◆ WHAT THE TASK REQUIRES: Find the word "fill" below. Copy each line that has it.

-*-

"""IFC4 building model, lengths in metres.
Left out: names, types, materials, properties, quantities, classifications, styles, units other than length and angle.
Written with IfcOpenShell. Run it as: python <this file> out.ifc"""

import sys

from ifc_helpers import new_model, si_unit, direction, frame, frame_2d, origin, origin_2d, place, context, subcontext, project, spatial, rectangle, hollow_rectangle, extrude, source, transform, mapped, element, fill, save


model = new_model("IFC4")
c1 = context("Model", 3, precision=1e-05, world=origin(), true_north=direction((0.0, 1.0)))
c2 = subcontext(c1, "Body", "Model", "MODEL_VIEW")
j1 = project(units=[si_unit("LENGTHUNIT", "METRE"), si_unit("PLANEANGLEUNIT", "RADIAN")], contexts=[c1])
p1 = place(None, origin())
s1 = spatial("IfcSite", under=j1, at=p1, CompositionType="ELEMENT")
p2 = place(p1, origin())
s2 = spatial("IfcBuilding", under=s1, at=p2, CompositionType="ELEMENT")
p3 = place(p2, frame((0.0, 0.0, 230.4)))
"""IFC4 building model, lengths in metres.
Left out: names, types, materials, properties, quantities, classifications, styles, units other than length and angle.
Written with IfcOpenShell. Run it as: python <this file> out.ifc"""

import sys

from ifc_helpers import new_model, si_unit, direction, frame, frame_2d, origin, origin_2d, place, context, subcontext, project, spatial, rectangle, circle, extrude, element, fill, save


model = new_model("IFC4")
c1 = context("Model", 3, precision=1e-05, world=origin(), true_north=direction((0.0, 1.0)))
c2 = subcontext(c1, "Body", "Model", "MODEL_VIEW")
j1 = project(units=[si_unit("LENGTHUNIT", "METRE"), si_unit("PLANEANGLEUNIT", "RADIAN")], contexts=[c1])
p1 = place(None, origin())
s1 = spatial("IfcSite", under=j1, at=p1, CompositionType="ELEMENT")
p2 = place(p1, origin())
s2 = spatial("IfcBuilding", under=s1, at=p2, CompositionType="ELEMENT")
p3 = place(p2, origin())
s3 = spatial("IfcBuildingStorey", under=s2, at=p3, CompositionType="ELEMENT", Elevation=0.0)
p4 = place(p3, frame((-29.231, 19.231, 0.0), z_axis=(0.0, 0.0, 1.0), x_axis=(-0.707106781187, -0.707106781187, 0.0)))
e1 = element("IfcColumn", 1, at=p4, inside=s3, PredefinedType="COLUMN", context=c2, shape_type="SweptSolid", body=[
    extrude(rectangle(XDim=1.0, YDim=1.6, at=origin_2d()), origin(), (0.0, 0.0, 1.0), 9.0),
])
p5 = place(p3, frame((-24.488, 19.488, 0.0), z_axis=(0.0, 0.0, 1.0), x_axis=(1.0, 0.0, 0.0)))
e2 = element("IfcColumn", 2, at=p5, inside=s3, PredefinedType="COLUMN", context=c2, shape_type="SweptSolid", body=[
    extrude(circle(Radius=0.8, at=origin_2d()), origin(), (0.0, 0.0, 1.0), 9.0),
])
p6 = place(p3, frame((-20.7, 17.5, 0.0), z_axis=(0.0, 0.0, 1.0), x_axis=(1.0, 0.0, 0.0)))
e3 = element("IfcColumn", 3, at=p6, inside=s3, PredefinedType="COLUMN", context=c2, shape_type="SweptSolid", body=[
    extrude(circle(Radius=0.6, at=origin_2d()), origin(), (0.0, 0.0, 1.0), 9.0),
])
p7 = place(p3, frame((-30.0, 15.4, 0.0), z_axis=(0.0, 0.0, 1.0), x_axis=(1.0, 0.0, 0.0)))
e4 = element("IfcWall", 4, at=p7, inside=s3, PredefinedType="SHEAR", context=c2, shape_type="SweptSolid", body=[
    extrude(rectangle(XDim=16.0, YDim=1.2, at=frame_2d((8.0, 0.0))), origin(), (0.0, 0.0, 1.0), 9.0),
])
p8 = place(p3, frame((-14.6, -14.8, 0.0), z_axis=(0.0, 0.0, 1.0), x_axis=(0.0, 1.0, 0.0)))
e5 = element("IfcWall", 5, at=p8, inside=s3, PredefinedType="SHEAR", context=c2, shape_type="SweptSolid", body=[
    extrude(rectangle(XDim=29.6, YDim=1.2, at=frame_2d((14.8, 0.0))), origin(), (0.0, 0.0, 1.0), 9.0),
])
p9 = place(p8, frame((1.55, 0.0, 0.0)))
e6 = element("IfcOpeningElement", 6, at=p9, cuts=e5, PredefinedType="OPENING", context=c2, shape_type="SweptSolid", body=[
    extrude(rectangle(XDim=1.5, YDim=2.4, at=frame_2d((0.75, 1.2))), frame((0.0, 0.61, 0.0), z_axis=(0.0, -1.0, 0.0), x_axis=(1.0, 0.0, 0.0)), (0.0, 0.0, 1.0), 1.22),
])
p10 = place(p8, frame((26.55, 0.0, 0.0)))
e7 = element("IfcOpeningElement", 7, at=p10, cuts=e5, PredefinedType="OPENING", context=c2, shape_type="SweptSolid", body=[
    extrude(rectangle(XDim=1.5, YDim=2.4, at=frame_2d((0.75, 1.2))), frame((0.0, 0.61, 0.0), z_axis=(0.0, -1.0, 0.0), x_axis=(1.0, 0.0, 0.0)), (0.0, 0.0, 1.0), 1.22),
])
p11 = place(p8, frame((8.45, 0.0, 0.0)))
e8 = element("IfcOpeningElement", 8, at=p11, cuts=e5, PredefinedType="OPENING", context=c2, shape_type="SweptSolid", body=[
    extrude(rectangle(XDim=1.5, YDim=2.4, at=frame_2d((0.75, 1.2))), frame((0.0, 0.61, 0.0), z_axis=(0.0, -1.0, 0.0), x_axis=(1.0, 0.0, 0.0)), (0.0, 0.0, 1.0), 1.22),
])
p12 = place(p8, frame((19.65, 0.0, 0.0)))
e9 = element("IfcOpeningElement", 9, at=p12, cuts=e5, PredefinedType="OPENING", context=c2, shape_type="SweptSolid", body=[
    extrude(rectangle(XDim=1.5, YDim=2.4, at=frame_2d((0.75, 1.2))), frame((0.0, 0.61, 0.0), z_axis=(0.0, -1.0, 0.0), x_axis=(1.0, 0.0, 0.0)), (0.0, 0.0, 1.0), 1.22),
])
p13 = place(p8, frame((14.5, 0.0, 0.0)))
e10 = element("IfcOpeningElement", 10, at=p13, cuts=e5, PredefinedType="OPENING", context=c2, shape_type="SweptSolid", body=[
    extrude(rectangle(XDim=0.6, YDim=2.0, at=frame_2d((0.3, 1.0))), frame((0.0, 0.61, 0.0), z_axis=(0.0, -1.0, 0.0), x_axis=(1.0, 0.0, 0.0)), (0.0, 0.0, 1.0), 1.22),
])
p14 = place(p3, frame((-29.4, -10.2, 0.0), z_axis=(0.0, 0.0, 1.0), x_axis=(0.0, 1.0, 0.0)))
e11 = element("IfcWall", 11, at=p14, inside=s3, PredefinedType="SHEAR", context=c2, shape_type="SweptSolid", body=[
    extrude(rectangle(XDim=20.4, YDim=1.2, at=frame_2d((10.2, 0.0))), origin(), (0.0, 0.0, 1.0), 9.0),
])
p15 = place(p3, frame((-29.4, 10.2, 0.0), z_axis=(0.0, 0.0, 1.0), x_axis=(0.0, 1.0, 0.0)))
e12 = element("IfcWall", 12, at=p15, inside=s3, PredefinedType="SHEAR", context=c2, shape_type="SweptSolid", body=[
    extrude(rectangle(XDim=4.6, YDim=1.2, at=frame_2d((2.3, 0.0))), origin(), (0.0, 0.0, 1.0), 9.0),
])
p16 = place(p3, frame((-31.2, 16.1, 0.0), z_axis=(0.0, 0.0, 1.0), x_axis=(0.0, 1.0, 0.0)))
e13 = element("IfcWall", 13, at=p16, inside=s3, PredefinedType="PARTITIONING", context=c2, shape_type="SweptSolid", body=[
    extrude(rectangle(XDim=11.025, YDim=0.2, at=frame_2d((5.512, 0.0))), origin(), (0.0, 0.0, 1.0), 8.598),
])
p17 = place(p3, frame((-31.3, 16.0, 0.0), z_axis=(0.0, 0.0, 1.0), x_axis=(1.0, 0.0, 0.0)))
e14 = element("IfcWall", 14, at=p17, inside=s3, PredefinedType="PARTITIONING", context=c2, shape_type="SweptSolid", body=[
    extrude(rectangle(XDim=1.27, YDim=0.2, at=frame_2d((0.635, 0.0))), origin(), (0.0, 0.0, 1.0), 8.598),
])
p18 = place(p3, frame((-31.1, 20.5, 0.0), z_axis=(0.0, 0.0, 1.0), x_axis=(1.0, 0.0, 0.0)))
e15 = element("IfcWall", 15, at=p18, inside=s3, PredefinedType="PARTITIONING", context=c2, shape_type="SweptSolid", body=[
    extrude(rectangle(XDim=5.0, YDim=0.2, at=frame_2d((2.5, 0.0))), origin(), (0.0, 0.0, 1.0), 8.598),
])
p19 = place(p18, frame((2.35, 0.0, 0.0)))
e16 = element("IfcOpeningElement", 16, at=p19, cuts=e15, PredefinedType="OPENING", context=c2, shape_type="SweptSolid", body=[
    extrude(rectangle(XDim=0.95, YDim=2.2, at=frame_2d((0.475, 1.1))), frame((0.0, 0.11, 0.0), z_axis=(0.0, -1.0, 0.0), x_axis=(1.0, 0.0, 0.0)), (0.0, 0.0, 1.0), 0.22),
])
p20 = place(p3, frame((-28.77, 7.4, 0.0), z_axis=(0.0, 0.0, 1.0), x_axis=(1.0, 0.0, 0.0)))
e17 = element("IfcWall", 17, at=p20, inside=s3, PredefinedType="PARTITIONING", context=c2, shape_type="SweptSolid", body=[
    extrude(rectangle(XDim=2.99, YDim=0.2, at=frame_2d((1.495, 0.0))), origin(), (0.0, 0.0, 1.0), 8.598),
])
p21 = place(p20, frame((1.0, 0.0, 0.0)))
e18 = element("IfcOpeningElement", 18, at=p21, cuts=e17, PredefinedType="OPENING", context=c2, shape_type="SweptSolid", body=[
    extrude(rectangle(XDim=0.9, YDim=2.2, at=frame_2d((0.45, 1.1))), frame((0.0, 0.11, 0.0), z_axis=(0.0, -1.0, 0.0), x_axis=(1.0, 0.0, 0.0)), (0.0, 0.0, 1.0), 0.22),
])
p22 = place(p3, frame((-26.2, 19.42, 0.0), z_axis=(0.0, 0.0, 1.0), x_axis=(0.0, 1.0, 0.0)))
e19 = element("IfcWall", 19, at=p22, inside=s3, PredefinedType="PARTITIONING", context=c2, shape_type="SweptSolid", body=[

-*-

◆ RESPONSE TO THE TASK:
from ifc_helpers import new_model, si_unit, direction, frame, frame_2d, origin, origin_2d, place, context, subcontext, project, spatial, rectangle, hollow_rectangle, extrude, source, transform, mapped, element, fill, save
from ifc_helpers import new_model, si_unit, direction, frame, frame_2d, origin, origin_2d, place, context, subcontext, project, spatial, rectangle, circle, extrude, element, fill, save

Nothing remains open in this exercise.